In the data below, find every line with the string "SHEAR" and pull it out.

▶ Stored data
+ + + + +

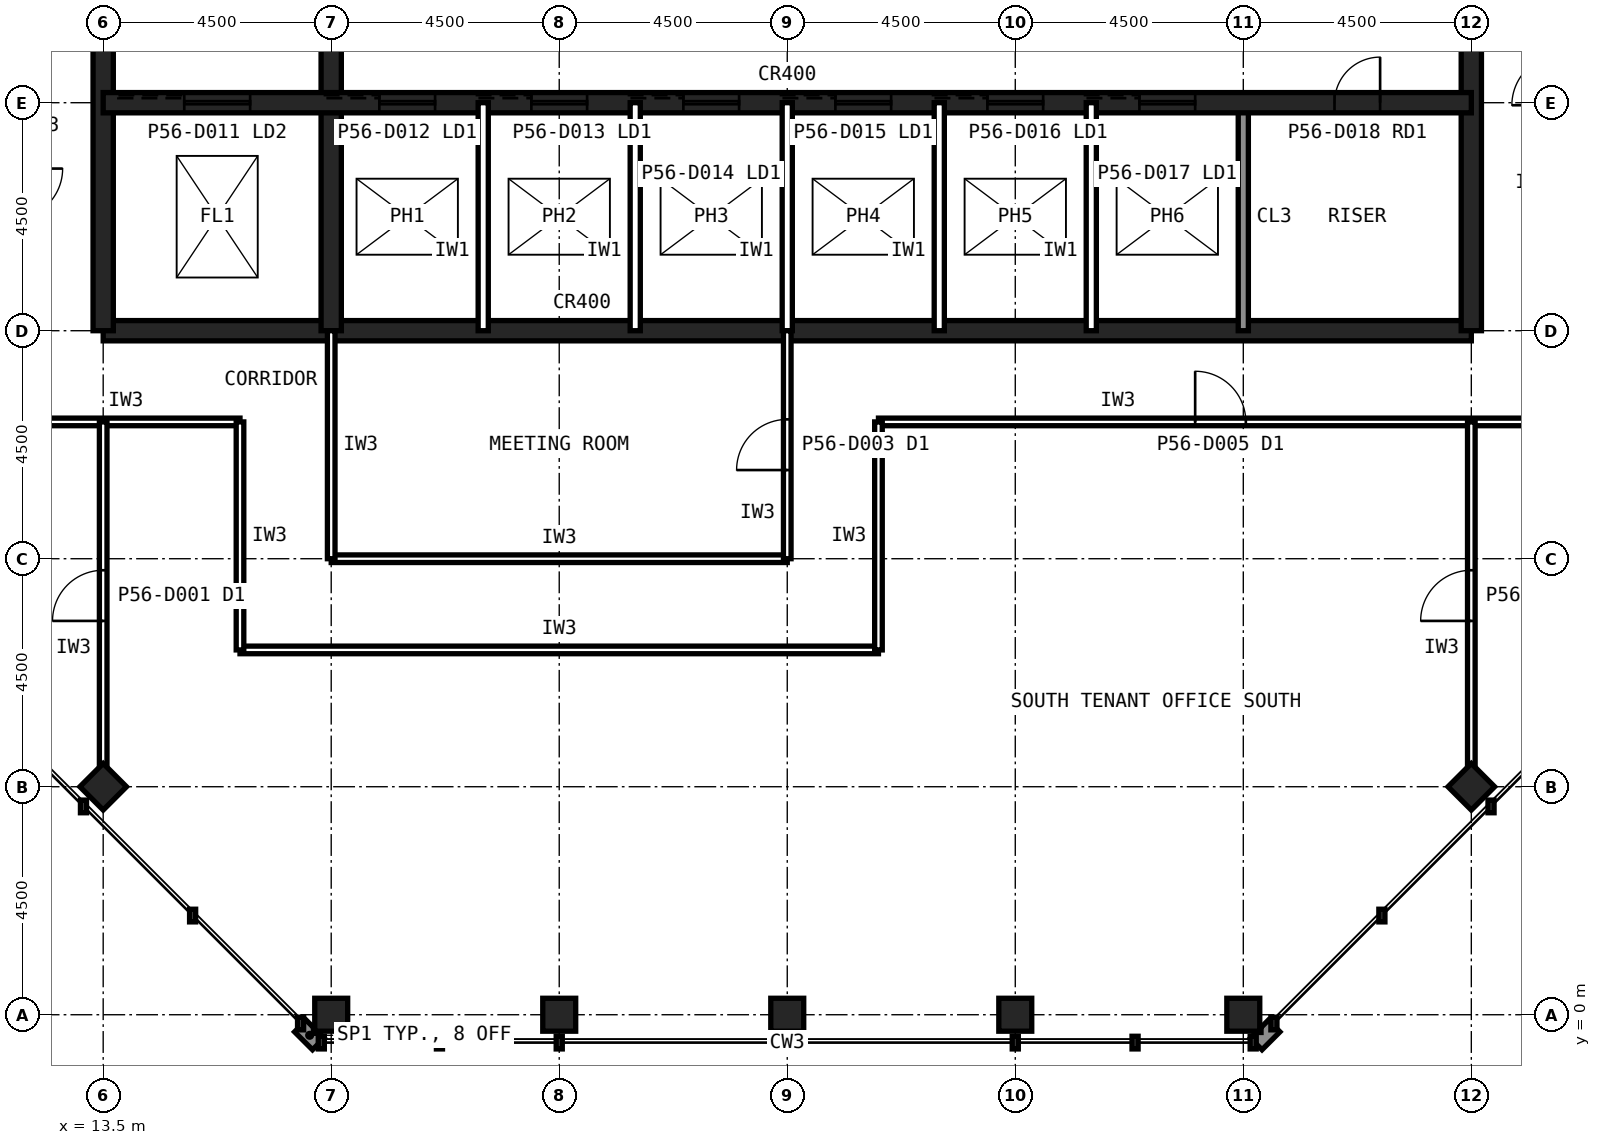
"""IFC4 building model, lengths in metres.
Left out: names, types, materials, properties, quantities, classifications, styles, units other than length and angle.
Written with IfcOpenShell. Run it as: python <this file> out.ifc"""

import sys

from ifc_helpers import new_model, si_unit, direction, frame, frame_2d, origin, origin_2d, place, context, subcontext, project, spatial, rectangle, hollow_rectangle, extrude, element, fill, save


model = new_model("IFC4")
c1 = context("Model", 3, precision=1e-05, world=origin(), true_north=direction((0.0, 1.0)))
c2 = subcontext(c1, "Body", "Model", "MODEL_VIEW")
j1 = project(units=[si_unit("LENGTHUNIT", "METRE"), si_unit("PLANEANGLEUNIT", "RADIAN")], contexts=[c1])
p1 = place(None, origin())
s1 = spatial("IfcSite", under=j1, at=p1, CompositionType="ELEMENT")
p2 = place(p1, origin())
s2 = spatial("IfcBuilding", under=s1, at=p2, CompositionType="ELEMENT")
p3 = place(p2, frame((0.0, 0.0, 238.6)))
s3 = spatial("IfcBuildingStorey", under=s2, at=p3, CompositionType="ELEMENT", Elevation=238.6)
for number, where, z_axis, x_axis in (
    (1, (18.0, 0.0, 0.0), (0.0, 0.0, 1.0), (1.0, 0.0, 0.0)),
    (2, (22.5, 0.0, 0.0), (0.0, 0.0, 1.0), (1.0, 0.0, 0.0)),
    (3, (27.0, 0.0, 0.0), (0.0, 0.0, 1.0), (1.0, 0.0, 0.0)),
    (4, (31.5, 0.0, 0.0), (0.0, 0.0, 1.0), (1.0, 0.0, 0.0)),
    (5, (36.0, 0.0, 0.0), (0.0, 0.0, 1.0), (1.0, 0.0, 0.0)),
    (6, (13.5, 4.5, 0.0), (0.0, 0.0, 1.0), (0.707, 0.707, 0.0)),
    (7, (40.5, 4.5, 0.0), (0.0, 0.0, 1.0), (0.707, 0.707, 0.0)),
):
    element("IfcColumn", number, at=place(p3, frame(where, z_axis=z_axis, x_axis=x_axis)), inside=s3, PredefinedType="COLUMN", context=c2, shape_type="SweptSolid", body=[
        extrude(hollow_rectangle(XDim=0.65, YDim=0.65, WallThickness=0.032, at=origin_2d()), origin(), (0.0, 0.0, 1.0), 4.0),
    ])
p4 = place(p3, frame((13.5, 13.5, 0.0), z_axis=(0.0, 0.0, 1.0), x_axis=(1.0, 0.0, 0.0)))
e8 = element("IfcWall", 8, at=p4, inside=s3, PredefinedType="SHEAR", context=c2, shape_type="SweptSolid", body=[
    extrude(rectangle(XDim=27.0, YDim=0.4, at=frame_2d((13.5, 0.0))), origin(), (0.0, 0.0, 1.0), 4.0),
])
p5 = place(p3, frame((40.5, 13.5, 0.0), z_axis=(0.0, 0.0, 1.0), x_axis=(0.0, 1.0, 0.0)))
e9 = element("IfcWall", 9, at=p5, inside=s3, PredefinedType="SHEAR", context=c2, shape_type="SweptSolid", body=[
    extrude(rectangle(XDim=27.0, YDim=0.4, at=frame_2d((13.5, 0.0))), origin(), (0.0, 0.0, 1.0), 4.0),
])
p6 = place(p5, frame((5.85, 0.0, 0.0)))
e10 = element("IfcOpeningElement", 10, at=p6, cuts=e9, PredefinedType="OPENING", context=c2, shape_type="SweptSolid", body=[
    extrude(rectangle(XDim=1.8, YDim=2.1, at=frame_2d((0.9, 1.05))), frame((0.0, 0.21, 0.0), z_axis=(0.0, -1.0, 0.0), x_axis=(1.0, 0.0, 0.0)), (0.0, 0.0, 1.0), 0.42),
])
p7 = place(p5, frame((19.65, 0.0, 0.0)))
e11 = element("IfcOpeningElement", 11, at=p7, cuts=e9, PredefinedType="OPENING", context=c2, shape_type="SweptSolid", body=[
    extrude(rectangle(XDim=1.2, YDim=2.1, at=frame_2d((0.6, 1.05))), frame((0.0, 0.21, 0.0), z_axis=(0.0, -1.0, 0.0), x_axis=(1.0, 0.0, 0.0)), (0.0, 0.0, 1.0), 0.42),
])
p8 = place(p3, frame((13.5, 40.5, 0.0), z_axis=(0.0, 0.0, 1.0), x_axis=(0.0, -1.0, 0.0)))
e12 = element("IfcWall", 12, at=p8, inside=s3, PredefinedType="SHEAR", context=c2, shape_type="SweptSolid", body=[
    extrude(rectangle(XDim=27.0, YDim=0.4, at=frame_2d((13.5, 0.0))), origin(), (0.0, 0.0, 1.0), 4.0),
])
p9 = place(p8, frame((19.65, 0.0, 0.0)))
e13 = element("IfcOpeningElement", 13, at=p9, cuts=e12, PredefinedType="OPENING", context=c2, shape_type="SweptSolid", body=[
    extrude(rectangle(XDim=1.2, YDim=2.1, at=frame_2d((0.6, 1.05))), frame((0.0, 0.21, 0.0), z_axis=(0.0, -1.0, 0.0), x_axis=(1.0, 0.0, 0.0)), (0.0, 0.0, 1.0), 0.42),
])
p10 = place(p8, frame((5.85, 0.0, 0.0)))
e14 = element("IfcOpeningElement", 14, at=p10, cuts=e12, PredefinedType="OPENING", context=c2, shape_type="SweptSolid", body=[
    extrude(rectangle(XDim=1.8, YDim=2.1, at=frame_2d((0.9, 1.05))), frame((0.0, 0.21, 0.0), z_axis=(0.0, -1.0, 0.0), x_axis=(1.0, 0.0, 0.0)), (0.0, 0.0, 1.0), 0.42),
])
p11 = place(p3, frame((18.0, 13.5, 0.0), z_axis=(0.0, 0.0, 1.0), x_axis=(0.0, 1.0, 0.0)))
e15 = element("IfcWall", 15, at=p11, inside=s3, PredefinedType="SHEAR", context=c2, shape_type="SweptSolid", body=[
    extrude(rectangle(XDim=18.0, YDim=0.4, at=frame_2d((9.0, 0.0))), origin(), (0.0, 0.0, 1.0), 4.0),
])
p12 = place(p3, frame((36.0, 13.5, 0.0), z_axis=(0.0, 0.0, 1.0), x_axis=(0.0, 1.0, 0.0)))
e16 = element("IfcWall", 16, at=p12, inside=s3, PredefinedType="SOLIDWALL", context=c2, shape_type="SweptSolid", body=[
    extrude(rectangle(XDim=4.5, YDim=0.2, at=frame_2d((2.25, 0.0))), origin(), (0.0, 0.0, 1.0), 3.84),
])
p13 = place(p3, frame((13.5, 18.0, 0.0), z_axis=(0.0, 0.0, 1.0), x_axis=(1.0, 0.0, 0.0)))
e17 = element("IfcWall", 17, at=p13, inside=s3, PredefinedType="SHEAR", context=c2, shape_type="SweptSolid", body=[
    extrude(rectangle(XDim=27.0, YDim=0.4, at=frame_2d((13.5, 0.0))), origin(), (0.0, 0.0, 1.0), 4.0),
])
p14 = place(p13, frame((24.3, 0.0, 0.0)))
e18 = element("IfcOpeningElement", 18, at=p14, cuts=e17, PredefinedType="OPENING", context=c2, shape_type="SweptSolid", body=[
    extrude(rectangle(XDim=0.9, YDim=2.1, at=frame_2d((0.45, 1.05))), frame((0.0, 0.21, 0.0), z_axis=(0.0, -1.0, 0.0), x_axis=(1.0, 0.0, 0.0)), (0.0, 0.0, 1.0), 0.42),
])
p15 = place(p13, frame((5.45, 0.0, 0.0)))
e19 = element("IfcOpeningElement", 19, at=p15, cuts=e17, PredefinedType="OPENING", context=c2, shape_type="SweptSolid", body=[
    extrude(rectangle(XDim=1.1, YDim=2.1, at=frame_2d((0.55, 1.05))), frame((0.0, 0.21, 0.0), z_axis=(0.0, -1.0, 0.0), x_axis=(1.0, 0.0, 0.0)), (0.0, 0.0, 1.0), 0.42),
])
p16 = place(p13, frame((8.45, 0.0, 0.0)))
e20 = element("IfcOpeningElement", 20, at=p16, cuts=e17, PredefinedType="OPENING", context=c2, shape_type="SweptSolid", body=[
    extrude(rectangle(XDim=1.1, YDim=2.1, at=frame_2d((0.55, 1.05))), frame((0.0, 0.21, 0.0), z_axis=(0.0, -1.0, 0.0), x_axis=(1.0, 0.0, 0.0)), (0.0, 0.0, 1.0), 0.42),
])
p17 = place(p13, frame((11.45, 0.0, 0.0)))
e21 = element("IfcOpeningElement", 21, at=p17, cuts=e17, PredefinedType="OPENING", context=c2, shape_type="SweptSolid", body=[
    extrude(rectangle(XDim=1.1, YDim=2.1, at=frame_2d((0.55, 1.05))), frame((0.0, 0.21, 0.0), z_axis=(0.0, -1.0, 0.0), x_axis=(1.0, 0.0, 0.0)), (0.0, 0.0, 1.0), 0.42),
])
p18 = place(p13, frame((14.45, 0.0, 0.0)))
e22 = element("IfcOpeningElement", 22, at=p18, cuts=e17, PredefinedType="OPENING", context=c2, shape_type="SweptSolid", body=[
    extrude(rectangle(XDim=1.1, YDim=2.1, at=frame_2d((0.55, 1.05))), frame((0.0, 0.21, 0.0), z_axis=(0.0, -1.0, 0.0), x_axis=(1.0, 0.0, 0.0)), (0.0, 0.0, 1.0), 0.42),
])
p19 = place(p13, frame((17.45, 0.0, 0.0)))
e23 = element("IfcOpeningElement", 23, at=p19, cuts=e17, PredefinedType="OPENING", context=c2, shape_type="SweptSolid", body=[
    extrude(rectangle(XDim=1.1, YDim=2.1, at=frame_2d((0.55, 1.05))), frame((0.0, 0.21, 0.0), z_axis=(0.0, -1.0, 0.0), x_axis=(1.0, 0.0, 0.0)), (0.0, 0.0, 1.0), 0.42),
])
p20 = place(p13, frame((20.45, 0.0, 0.0)))
e24 = element("IfcOpeningElement", 24, at=p20, cuts=e17, PredefinedType="OPENING", context=c2, shape_type="SweptSolid", body=[
    extrude(rectangle(XDim=1.1, YDim=2.1, at=frame_2d((0.55, 1.05))), frame((0.0, 0.21, 0.0), z_axis=(0.0, -1.0, 0.0), x_axis=(1.0, 0.0, 0.0)), (0.0, 0.0, 1.0), 0.42),
])
p21 = place(p13, frame((1.6, 0.0, 0.0)))
e25 = element("IfcOpeningElement", 25, at=p21, cuts=e17, PredefinedType="OPENING", context=c2, shape_type="SweptSolid", body=[
    extrude(rectangle(XDim=1.3, YDim=2.2, at=frame_2d((0.65, 1.1))), frame((0.0, 0.21, 0.0), z_axis=(0.0, -1.0, 0.0), x_axis=(1.0, 0.0, 0.0)), (0.0, 0.0, 1.0), 0.42),
])
for number, where, z_axis, x_axis in (
    (26, (21.0, 13.5, 0.0), (0.0, 0.0, 1.0), (0.0, 1.0, 0.0)),
    (27, (24.0, 13.5, 0.0), (0.0, 0.0, 1.0), (0.0, 1.0, 0.0)),
    (28, (27.0, 13.5, 0.0), (0.0, 0.0, 1.0), (0.0, 1.0, 0.0)),
    (29, (30.0, 13.5, 0.0), (0.0, 0.0, 1.0), (0.0, 1.0, 0.0)),
    (30, (33.0, 13.5, 0.0), (0.0, 0.0, 1.0), (0.0, 1.0, 0.0)),
):
    element("IfcWall", number, at=place(p3, frame(where, z_axis=z_axis, x_axis=x_axis)), inside=s3, PredefinedType="PARTITIONING", context=c2, shape_type="SweptSolid", body=[
        extrude(rectangle(XDim=4.5, YDim=0.2, at=frame_2d((2.25, 0.0))), origin(), (0.0, 0.0, 1.0), 3.84),
    ])
p22 = place(p3, frame((28.8, 11.7, 0.0), z_axis=(0.0, 0.0, 1.0), x_axis=(1.0, 0.0, 0.0)))
e31 = element("IfcWall", 31, at=p22, inside=s3, PredefinedType="PARTITIONING", context=c2, shape_type="SweptSolid", body=[
    extrude(rectangle(XDim=13.5, YDim=0.15, at=frame_2d((6.75, 0.0))), origin(), (0.0, 0.0, 1.0), 3.84),
])
p23 = place(p22, frame((6.25, 0.0, 0.0)))
e32 = element("IfcOpeningElement", 32, at=p23, cuts=e31, PredefinedType="OPENING", context=c2, shape_type="SweptSolid", body=[
    extrude(rectangle(XDim=1.0, YDim=2.1, at=frame_2d((0.5, 1.05))), frame((0.0, 0.085, 0.0), z_axis=(0.0, -1.0, 0.0), x_axis=(1.0, 0.0, 0.0)), (0.0, 0.0, 1.0), 0.17),
])
p24 = place(p3, frame((16.2, 7.2, 0.0), z_axis=(0.0, 0.0, 1.0), x_axis=(1.0, 0.0, 0.0)))
e33 = element("IfcWall", 33, at=p24, inside=s3, PredefinedType="PARTITIONING", context=c2, shape_type="SweptSolid", body=[
    extrude(rectangle(XDim=12.6, YDim=0.15, at=frame_2d((6.3, 0.0))), origin(), (0.0, 0.0, 1.0), 3.84),
])
for number, where, z_axis, x_axis in (
    (34, (11.7, 11.7, 0.0), (0.0, 0.0, 1.0), (1.0, 0.0, 0.0)),
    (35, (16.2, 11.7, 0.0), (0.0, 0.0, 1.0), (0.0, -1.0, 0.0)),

+ + + + +

▶ Task output
e8 = element("IfcWall", 8, at=p4, inside=s3, PredefinedType="SHEAR", context=c2, shape_type="SweptSolid", body=[
e9 = element("IfcWall", 9, at=p5, inside=s3, PredefinedType="SHEAR", context=c2, shape_type="SweptSolid", body=[
e12 = element("IfcWall", 12, at=p8, inside=s3, PredefinedType="SHEAR", context=c2, shape_type="SweptSolid", body=[
e15 = element("IfcWall", 15, at=p11, inside=s3, PredefinedType="SHEAR", context=c2, shape_type="SweptSolid", body=[
e17 = element("IfcWall", 17, at=p13, inside=s3, PredefinedType="SHEAR", context=c2, shape_type="SweptSolid", body=[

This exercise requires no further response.